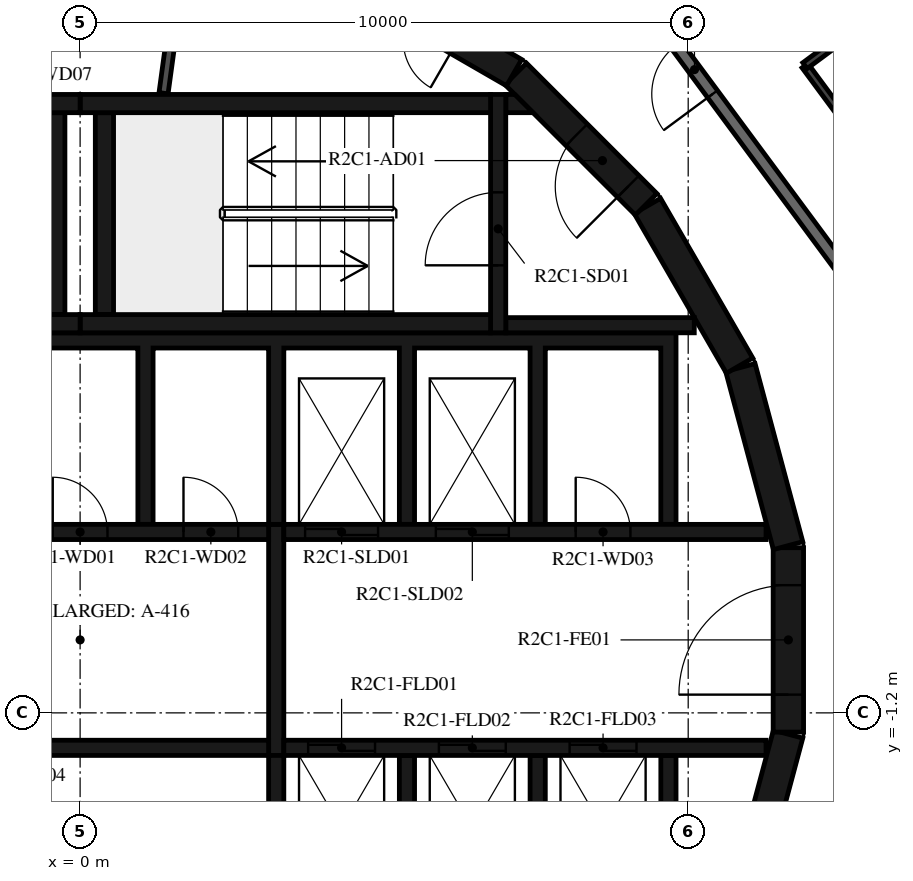
"""IFC4 building model, lengths in metres.
Left out: names, types, materials, properties, quantities, classifications, styles, units other than length and angle.
Written with IfcOpenShell. Run it as: python <this file> out.ifc"""

import sys

from ifc_helpers import new_model, si_unit, direction, frame, frame_2d, origin, place, context, subcontext, project, spatial, polyline, rectangle, outline, extrude, element, fill, save


model = new_model("IFC4")
c1 = context("Model", 3, precision=1e-05, world=origin(), true_north=direction((0.0, 1.0)))
c2 = subcontext(c1, "Body", "Model", "MODEL_VIEW")
j1 = project(units=[si_unit("LENGTHUNIT", "METRE"), si_unit("PLANEANGLEUNIT", "RADIAN")], contexts=[c1])
p1 = place(None, origin())
s1 = spatial("IfcSite", under=j1, at=p1, CompositionType="ELEMENT")
p2 = place(p1, origin())
s2 = spatial("IfcBuilding", under=s1, at=p2, CompositionType="ELEMENT")
p3 = place(p2, frame((0.0, 0.0, 101.2)))
s3 = spatial("IfcBuildingStorey", under=s2, at=p3, CompositionType="ELEMENT", Elevation=101.2)
p4 = place(p3, frame((10.858, -4.479, 0.0), z_axis=(0.0, 0.0, 1.0), x_axis=(0.258734743916, 0.965948410781, 0.0)))
e1 = element("IfcWall", 1, at=p4, inside=s3, PredefinedType="SHEAR", context=c2, shape_type="SweptSolid", body=[
    extrude(rectangle(XDim=3.033, YDim=0.5, at=frame_2d((1.516, 0.0))), origin(), (0.0, 0.0, 1.0), 3.12),
])
p5 = place(p3, frame((11.647, -1.516, 0.0), z_axis=(0.0, 0.0, 1.0), x_axis=(0.0, 1.0, 0.0)))
e2 = element("IfcWall", 2, at=p5, inside=s3, PredefinedType="SHEAR", context=c2, shape_type="SweptSolid", body=[
    extrude(rectangle(XDim=3.033, YDim=0.5, at=frame_2d((1.516, 0.0))), origin(), (0.0, 0.0, 1.0), 3.12),
])
p6 = place(p5, frame((0.616, 0.0, 0.0)))
e3 = element("IfcOpeningElement", 3, at=p6, cuts=e2, PredefinedType="OPENING", context=c2, shape_type="SweptSolid", body=[
    extrude(rectangle(XDim=1.8, YDim=2.1, at=frame_2d((0.9, 1.05))), frame((0.0, 0.26, 0.0), z_axis=(0.0, -1.0, 0.0), x_axis=(1.0, 0.0, 0.0)), (0.0, 0.0, 1.0), 0.52),
])
for number, where, z_axis, x_axis in (
    (4, (11.643, 1.55, 0.0), (0.0, 0.0, 1.0), (-0.259, 0.966, 0.0)),
    (5, (10.845, 4.51, 0.0), (0.0, 0.0, 1.0), (-0.5, 0.866, 0.0)),
):
    element("IfcWall", number, at=place(p3, frame(where, z_axis=z_axis, x_axis=x_axis)), inside=s3, PredefinedType="SHEAR", context=c2, shape_type="SweptSolid", body=[
        extrude(rectangle(XDim=3.033, YDim=0.5, at=frame_2d((1.516, 0.0))), origin(), (0.0, 0.0, 1.0), 3.12),
    ])
p7 = place(p3, frame((9.308, 7.164, 0.0), z_axis=(0.0, 0.0, 1.0), x_axis=(-0.707106781187, 0.707106781187, 0.0)))
e6 = element("IfcWall", 6, at=p7, inside=s3, PredefinedType="SHEAR", context=c2, shape_type="SweptSolid", body=[
    extrude(rectangle(XDim=3.032, YDim=0.5, at=frame_2d((1.516, 0.0))), origin(), (0.0, 0.0, 1.0), 3.12),
])
p8 = place(p7, frame((0.416, 0.0, 0.0)))
e7 = element("IfcOpeningElement", 7, at=p8, cuts=e6, PredefinedType="OPENING", context=c2, shape_type="SweptSolid", body=[
    extrude(rectangle(XDim=1.2, YDim=2.1, at=frame_2d((0.6, 1.05))), frame((0.0, 0.26, 0.0), z_axis=(0.0, -1.0, 0.0), x_axis=(1.0, 0.0, 0.0)), (0.0, 0.0, 1.0), 0.52),
])
p9 = place(p3, frame((7.137, 9.329, 0.0), z_axis=(0.0, 0.0, 1.0), x_axis=(-0.865975092491, 0.500087131594, 0.0)))
e8 = element("IfcWall", 8, at=p9, inside=s3, PredefinedType="SHEAR", context=c2, shape_type="SweptSolid", body=[
    extrude(rectangle(XDim=3.033, YDim=0.5, at=frame_2d((1.516, 0.0))), origin(), (0.0, 0.0, 1.0), 3.12),
])
p10 = place(p9, frame((1.066, 0.0, 0.0)))
e9 = element("IfcOpeningElement", 9, at=p10, cuts=e8, PredefinedType="OPENING", context=c2, shape_type="SweptSolid", body=[
    extrude(rectangle(XDim=0.9, YDim=2.1, at=frame_2d((0.45, 1.05))), frame((0.0, 0.26, 0.0), z_axis=(0.0, -1.0, 0.0), x_axis=(1.0, 0.0, 0.0)), (0.0, 0.0, 1.0), 0.52),
])
for number, where, z_axis, x_axis in (
    (10, (0.0, 5.2, 0.0), (0.0, 0.0, 1.0), (1.0, 0.0, 0.0)),
    (11, (0.0, 8.82, 0.0), (0.0, 0.0, 1.0), (1.0, 0.0, 0.0)),
):
    element("IfcWall", number, at=place(p3, frame(where, z_axis=z_axis, x_axis=x_axis)), inside=s3, PredefinedType="SHEAR", context=c2, shape_type="SweptSolid", body=[
        extrude(rectangle(XDim=6.75, YDim=0.3, at=frame_2d((3.375, 0.0))), origin(), (0.0, 0.0, 1.0), 3.12),
    ])
p11 = place(p3, frame((0.4, 5.35, 0.0), z_axis=(0.0, 0.0, 1.0), x_axis=(0.0, 1.0, 0.0)))
e12 = element("IfcWall", 12, at=p11, inside=s3, PredefinedType="SHEAR", context=c2, shape_type="SweptSolid", body=[
    extrude(rectangle(XDim=3.32, YDim=0.3, at=frame_2d((1.66, 0.0))), origin(), (0.0, 0.0, 1.0), 3.12),
])
p12 = place(p3, frame((6.875, 5.05, 0.0), z_axis=(0.0, 0.0, 1.0), x_axis=(0.0, 1.0, 0.0)))
e13 = element("IfcWall", 13, at=p12, inside=s3, PredefinedType="SHEAR", context=c2, shape_type="SweptSolid", body=[
    extrude(rectangle(XDim=3.92, YDim=0.25, at=frame_2d((1.96, 0.0))), origin(), (0.0, 0.0, 1.0), 3.12),
])
p13 = place(p12, frame((1.11, 0.0, 0.0)))
e14 = element("IfcOpeningElement", 14, at=p13, cuts=e13, PredefinedType="OPENING", context=c2, shape_type="SweptSolid", body=[
    extrude(rectangle(XDim=1.2, YDim=2.1, at=frame_2d((0.6, 1.05))), frame((0.0, 0.135, 0.0), z_axis=(0.0, -1.0, 0.0), x_axis=(1.0, 0.0, 0.0)), (0.0, 0.0, 1.0), 0.27),
])
p14 = place(p3, frame((7.0, 5.175, 0.0), z_axis=(0.0, 0.0, 1.0), x_axis=(1.0, 0.0, 0.0)))
e15 = element("IfcWall", 15, at=p14, inside=s3, PredefinedType="SHEAR", context=c2, shape_type="SweptSolid", body=[
    extrude(rectangle(XDim=3.1, YDim=0.25, at=frame_2d((1.55, 0.0))), origin(), (0.0, 0.0, 1.0), 3.12),
])
p15 = place(p3, origin())
e16 = element("IfcWall", 16, at=p15, inside=s3, PredefinedType="SHEAR", context=c2, shape_type="SweptSolid", body=[
    extrude(outline(polyline([(7.448, 8.67), (7.0, 8.67), (7.0, 8.97), (7.148, 8.97), (7.448, 8.67)])), origin(), (0.0, 0.0, 1.0), 3.12),
])
for number, where, z_axis, x_axis in (
    (17, (-6.75, 5.2, 0.0), (0.0, 0.0, 1.0), (1.0, 0.0, 0.0)),
    (18, (-6.75, 8.82, 0.0), (0.0, 0.0, 1.0), (1.0, 0.0, 0.0)),
):
    element("IfcWall", number, at=place(p3, frame(where, z_axis=z_axis, x_axis=x_axis)), inside=s3, PredefinedType="SHEAR", context=c2, shape_type="SweptSolid", body=[
        extrude(rectangle(XDim=6.75, YDim=0.3, at=frame_2d((3.375, 0.0))), origin(), (0.0, 0.0, 1.0), 3.12),
    ])
p16 = place(p3, frame((-0.4, 5.35, 0.0), z_axis=(0.0, 0.0, 1.0), x_axis=(0.0, 1.0, 0.0)))
e19 = element("IfcWall", 19, at=p16, inside=s3, PredefinedType="SHEAR", context=c2, shape_type="SweptSolid", body=[
    extrude(rectangle(XDim=3.32, YDim=0.3, at=frame_2d((1.66, 0.0))), origin(), (0.0, 0.0, 1.0), 3.12),
])
p17 = place(p3, origin())
e20 = element("IfcWall", 20, at=p17, inside=s3, PredefinedType="SHEAR", context=c2, shape_type="SweptSolid", body=[
    extrude(outline(polyline([(-9.55, 4.8), (-7.65, 4.8), (-7.65, 1.9), (-7.4, 1.9), (-7.4, 4.8), (-5.5, 4.8), (-5.5, 1.9), (-5.25, 1.9), (-5.25, 4.8), (-3.35, 4.8), (-3.35, 1.9), (-3.1, 1.9), (-3.1, 4.8), (-1.2, 4.8), (-1.2, 1.9), (-0.95, 1.9), (-0.95, 4.8), (0.95, 4.8), (0.95, 1.9), (1.2, 1.9), (1.2, 4.8), (3.1, 4.8), (3.1, 1.9), (3.35, 1.9), (3.35, 4.8), (5.25, 4.8), (5.25, 1.9), (5.5, 1.9), (5.5, 4.8), (7.4, 4.8), (7.4, 1.9), (7.65, 1.9), (7.65, 4.8), (9.55, 4.8), (9.55, 1.9), (9.8, 1.9), (9.8, 4.8), (9.8, 5.05), (-9.8, 5.05), (-9.8, 4.8), (-9.8, 1.9), (-9.55, 1.9), (-9.55, 4.8)])), origin(), (0.0, 0.0, 1.0), 3.12),
])
p18 = place(p3, origin())
e21 = element("IfcWall", 21, at=p18, inside=s3, PredefinedType="SHEAR", context=c2, shape_type="SweptSolid", body=[
    extrude(outline(polyline([(9.8, -5.05), (9.8, -4.8), (9.8, -1.9), (9.55, -1.9), (9.55, -4.8), (7.65, -4.8), (7.65, -1.9), (7.4, -1.9), (7.4, -4.8), (5.5, -4.8), (5.5, -1.9), (5.25, -1.9), (5.25, -4.8), (3.35, -4.8), (3.35, -1.9), (3.1, -1.9), (3.1, -4.8), (-5.25, -4.8), (-5.25, -1.9), (-5.5, -1.9), (-5.5, -4.8), (-7.4, -4.8), (-7.4, -1.9), (-7.65, -1.9), (-7.65, -4.8), (-9.55, -4.8), (-9.55, -1.9), (-9.8, -1.9), (-9.8, -4.8), (-9.8, -5.05), (9.8, -5.05)])), origin(), (0.0, 0.0, 1.0), 3.12),
])
p19 = place(p3, frame((-11.28, 1.775, 0.0), z_axis=(0.0, 0.0, 1.0), x_axis=(1.0, 0.0, 0.0)))
e22 = element("IfcWall", 22, at=p19, inside=s3, PredefinedType="SHEAR", context=c2, shape_type="SweptSolid", body=[
    extrude(rectangle(XDim=14.38, YDim=0.25, at=frame_2d((7.19, 0.0))), origin(), (0.0, 0.0, 1.0), 3.12),
])
p20 = place(p19, frame((2.13, 0.0, 0.0)))
e23 = element("IfcOpeningElement", 23, at=p20, cuts=e22, PredefinedType="OPENING", context=c2, shape_type="SweptSolid", body=[
    extrude(rectangle(XDim=1.1, YDim=2.1, at=frame_2d((0.55, 1.05))), frame((0.0, 0.135, 0.0), z_axis=(0.0, -1.0, 0.0), x_axis=(1.0, 0.0, 0.0)), (0.0, 0.0, 1.0), 0.27),
])
p21 = place(p19, frame((4.28, 0.0, 0.0)))
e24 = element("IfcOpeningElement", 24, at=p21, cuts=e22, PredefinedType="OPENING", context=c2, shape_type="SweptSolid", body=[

◇ ◇ ◇ ◇ ◇ ◇ ◇

Report the number of lines in the material above that include the string "import". Nothing else belongs in the answer.

* RESPONSE TO THE EXERCISE
2